Task inputs —
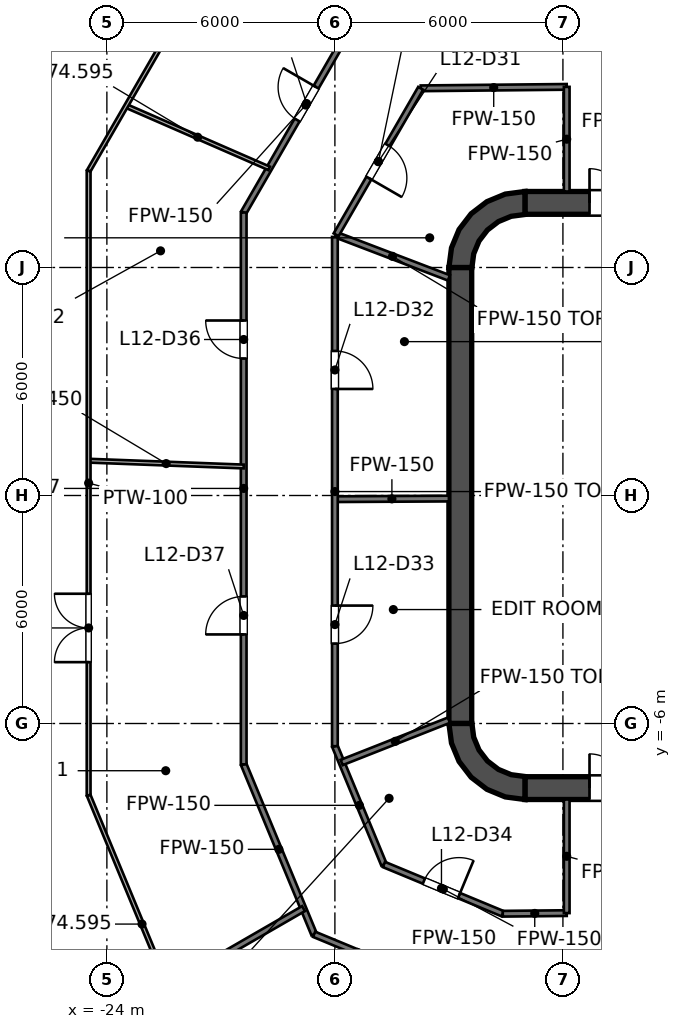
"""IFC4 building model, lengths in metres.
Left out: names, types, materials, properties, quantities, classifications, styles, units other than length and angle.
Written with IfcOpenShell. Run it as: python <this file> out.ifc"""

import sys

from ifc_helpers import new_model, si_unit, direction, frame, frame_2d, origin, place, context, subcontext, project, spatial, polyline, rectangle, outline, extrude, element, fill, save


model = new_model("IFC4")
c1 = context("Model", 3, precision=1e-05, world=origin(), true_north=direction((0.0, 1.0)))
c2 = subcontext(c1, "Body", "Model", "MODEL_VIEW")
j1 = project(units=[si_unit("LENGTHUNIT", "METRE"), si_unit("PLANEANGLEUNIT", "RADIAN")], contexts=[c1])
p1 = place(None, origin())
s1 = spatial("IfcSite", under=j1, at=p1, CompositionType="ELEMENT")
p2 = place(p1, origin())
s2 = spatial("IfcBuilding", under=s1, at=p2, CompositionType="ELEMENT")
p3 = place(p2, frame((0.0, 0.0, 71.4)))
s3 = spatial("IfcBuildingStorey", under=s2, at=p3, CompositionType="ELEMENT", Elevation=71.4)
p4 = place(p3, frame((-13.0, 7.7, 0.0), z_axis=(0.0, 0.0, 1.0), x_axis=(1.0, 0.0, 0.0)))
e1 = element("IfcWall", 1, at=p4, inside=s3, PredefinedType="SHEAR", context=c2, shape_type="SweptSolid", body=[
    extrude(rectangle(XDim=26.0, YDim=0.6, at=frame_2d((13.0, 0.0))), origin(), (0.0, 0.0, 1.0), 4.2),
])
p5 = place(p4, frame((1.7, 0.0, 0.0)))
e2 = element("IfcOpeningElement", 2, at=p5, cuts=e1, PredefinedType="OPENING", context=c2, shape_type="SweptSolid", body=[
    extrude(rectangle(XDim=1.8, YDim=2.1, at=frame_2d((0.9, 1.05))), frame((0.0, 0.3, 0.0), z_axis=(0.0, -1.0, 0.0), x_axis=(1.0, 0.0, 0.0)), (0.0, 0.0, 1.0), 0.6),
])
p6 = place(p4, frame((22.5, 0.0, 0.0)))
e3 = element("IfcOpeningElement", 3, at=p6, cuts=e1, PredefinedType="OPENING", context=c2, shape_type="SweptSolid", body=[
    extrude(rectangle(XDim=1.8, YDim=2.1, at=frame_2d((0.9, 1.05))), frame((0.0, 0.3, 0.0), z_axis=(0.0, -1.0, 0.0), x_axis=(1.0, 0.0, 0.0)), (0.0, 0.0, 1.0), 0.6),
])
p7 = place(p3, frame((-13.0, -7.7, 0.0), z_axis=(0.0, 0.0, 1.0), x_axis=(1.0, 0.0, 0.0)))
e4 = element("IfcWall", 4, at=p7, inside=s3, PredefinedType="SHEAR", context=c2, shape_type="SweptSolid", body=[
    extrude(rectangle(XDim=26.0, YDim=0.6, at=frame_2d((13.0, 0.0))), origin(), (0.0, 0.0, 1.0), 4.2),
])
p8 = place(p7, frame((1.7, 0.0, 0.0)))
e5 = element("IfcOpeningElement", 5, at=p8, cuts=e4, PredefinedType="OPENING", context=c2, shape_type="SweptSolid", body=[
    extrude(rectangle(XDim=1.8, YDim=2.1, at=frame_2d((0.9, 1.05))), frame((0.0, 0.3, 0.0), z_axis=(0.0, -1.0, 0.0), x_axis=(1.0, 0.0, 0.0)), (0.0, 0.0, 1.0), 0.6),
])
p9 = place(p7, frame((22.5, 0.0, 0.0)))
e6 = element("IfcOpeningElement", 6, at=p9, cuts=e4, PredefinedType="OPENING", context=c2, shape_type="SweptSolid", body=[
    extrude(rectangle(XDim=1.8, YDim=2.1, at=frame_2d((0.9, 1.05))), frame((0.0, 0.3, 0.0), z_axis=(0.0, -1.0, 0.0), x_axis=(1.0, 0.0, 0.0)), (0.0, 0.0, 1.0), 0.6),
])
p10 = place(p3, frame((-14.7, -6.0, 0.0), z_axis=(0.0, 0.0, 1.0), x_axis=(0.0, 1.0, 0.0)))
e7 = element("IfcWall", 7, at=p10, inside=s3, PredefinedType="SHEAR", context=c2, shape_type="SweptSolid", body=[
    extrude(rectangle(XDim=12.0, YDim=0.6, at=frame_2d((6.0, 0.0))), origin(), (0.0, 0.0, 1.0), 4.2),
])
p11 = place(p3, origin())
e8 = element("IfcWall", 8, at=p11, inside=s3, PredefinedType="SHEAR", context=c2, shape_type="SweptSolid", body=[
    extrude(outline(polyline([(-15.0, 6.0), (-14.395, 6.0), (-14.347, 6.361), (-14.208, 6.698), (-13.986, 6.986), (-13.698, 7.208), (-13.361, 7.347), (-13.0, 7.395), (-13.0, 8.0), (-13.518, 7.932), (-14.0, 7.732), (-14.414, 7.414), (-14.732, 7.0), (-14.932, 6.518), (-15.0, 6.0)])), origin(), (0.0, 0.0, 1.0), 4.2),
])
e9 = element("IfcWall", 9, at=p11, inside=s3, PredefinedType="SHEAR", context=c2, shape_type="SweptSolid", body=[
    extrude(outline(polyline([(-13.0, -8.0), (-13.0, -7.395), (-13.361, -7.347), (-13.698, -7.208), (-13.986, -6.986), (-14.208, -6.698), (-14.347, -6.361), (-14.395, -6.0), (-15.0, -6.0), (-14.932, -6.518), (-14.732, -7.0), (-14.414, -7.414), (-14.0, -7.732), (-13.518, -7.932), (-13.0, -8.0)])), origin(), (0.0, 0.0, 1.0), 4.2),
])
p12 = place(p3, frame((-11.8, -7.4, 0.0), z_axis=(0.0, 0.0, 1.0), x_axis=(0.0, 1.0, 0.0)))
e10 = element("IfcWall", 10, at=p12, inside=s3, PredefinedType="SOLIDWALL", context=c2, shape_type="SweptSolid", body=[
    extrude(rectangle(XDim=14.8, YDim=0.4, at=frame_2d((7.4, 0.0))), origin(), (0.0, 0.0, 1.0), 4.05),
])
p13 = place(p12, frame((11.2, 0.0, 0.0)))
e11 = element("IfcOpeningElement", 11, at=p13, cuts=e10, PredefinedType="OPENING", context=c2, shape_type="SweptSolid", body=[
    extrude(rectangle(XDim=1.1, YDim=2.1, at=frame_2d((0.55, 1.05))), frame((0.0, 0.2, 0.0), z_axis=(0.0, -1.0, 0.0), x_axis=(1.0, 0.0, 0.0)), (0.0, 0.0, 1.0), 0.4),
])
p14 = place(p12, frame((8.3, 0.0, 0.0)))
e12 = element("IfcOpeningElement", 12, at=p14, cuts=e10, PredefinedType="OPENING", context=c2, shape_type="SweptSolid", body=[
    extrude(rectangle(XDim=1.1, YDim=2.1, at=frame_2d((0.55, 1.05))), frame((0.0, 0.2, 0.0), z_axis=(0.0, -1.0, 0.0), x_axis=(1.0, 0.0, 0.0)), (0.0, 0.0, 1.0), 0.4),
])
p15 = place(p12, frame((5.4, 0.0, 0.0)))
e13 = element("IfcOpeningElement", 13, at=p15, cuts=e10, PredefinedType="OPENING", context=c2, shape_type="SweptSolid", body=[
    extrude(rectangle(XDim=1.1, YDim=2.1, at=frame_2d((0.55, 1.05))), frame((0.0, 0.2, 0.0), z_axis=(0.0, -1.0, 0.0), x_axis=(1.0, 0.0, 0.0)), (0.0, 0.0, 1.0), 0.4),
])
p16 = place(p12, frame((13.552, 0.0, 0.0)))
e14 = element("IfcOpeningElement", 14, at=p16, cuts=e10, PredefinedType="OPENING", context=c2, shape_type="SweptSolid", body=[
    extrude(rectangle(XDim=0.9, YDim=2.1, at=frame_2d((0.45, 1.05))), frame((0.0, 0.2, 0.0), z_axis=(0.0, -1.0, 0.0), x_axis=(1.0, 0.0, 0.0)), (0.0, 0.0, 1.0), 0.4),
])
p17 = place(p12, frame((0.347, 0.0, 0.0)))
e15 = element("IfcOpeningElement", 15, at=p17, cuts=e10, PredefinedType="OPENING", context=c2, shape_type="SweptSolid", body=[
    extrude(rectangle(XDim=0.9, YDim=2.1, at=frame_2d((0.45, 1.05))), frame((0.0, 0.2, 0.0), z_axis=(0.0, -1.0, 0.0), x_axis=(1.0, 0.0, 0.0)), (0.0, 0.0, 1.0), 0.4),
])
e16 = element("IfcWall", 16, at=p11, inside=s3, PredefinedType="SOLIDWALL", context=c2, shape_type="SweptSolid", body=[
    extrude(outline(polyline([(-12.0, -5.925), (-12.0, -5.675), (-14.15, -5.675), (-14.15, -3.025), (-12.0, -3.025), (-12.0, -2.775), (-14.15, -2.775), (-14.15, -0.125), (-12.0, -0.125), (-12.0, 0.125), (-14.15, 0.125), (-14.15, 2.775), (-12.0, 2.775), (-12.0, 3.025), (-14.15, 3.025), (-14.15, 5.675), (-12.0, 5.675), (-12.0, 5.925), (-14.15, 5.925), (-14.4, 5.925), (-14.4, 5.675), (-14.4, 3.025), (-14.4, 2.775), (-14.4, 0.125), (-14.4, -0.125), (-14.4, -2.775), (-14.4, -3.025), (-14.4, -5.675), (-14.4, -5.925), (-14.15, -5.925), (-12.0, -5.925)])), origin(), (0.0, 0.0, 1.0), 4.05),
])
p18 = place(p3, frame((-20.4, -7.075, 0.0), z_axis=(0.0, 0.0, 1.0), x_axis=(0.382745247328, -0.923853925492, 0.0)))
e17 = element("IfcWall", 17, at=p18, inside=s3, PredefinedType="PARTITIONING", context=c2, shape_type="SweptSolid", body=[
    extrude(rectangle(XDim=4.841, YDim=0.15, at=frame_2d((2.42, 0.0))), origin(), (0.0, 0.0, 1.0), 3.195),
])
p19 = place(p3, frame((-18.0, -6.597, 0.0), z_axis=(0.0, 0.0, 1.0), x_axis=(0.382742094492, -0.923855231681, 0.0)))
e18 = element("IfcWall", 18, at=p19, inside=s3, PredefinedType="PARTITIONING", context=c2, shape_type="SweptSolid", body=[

What the exercise asks — Only lines holding the word "PARTITIONING" belong in the answer; copy each one from the material.

Task result —
e17 = element("IfcWall", 17, at=p18, inside=s3, PredefinedType="PARTITIONING", context=c2, shape_type="SweptSolid", body=[
e18 = element("IfcWall", 18, at=p19, inside=s3, PredefinedType="PARTITIONING", context=c2, shape_type="SweptSolid", body=[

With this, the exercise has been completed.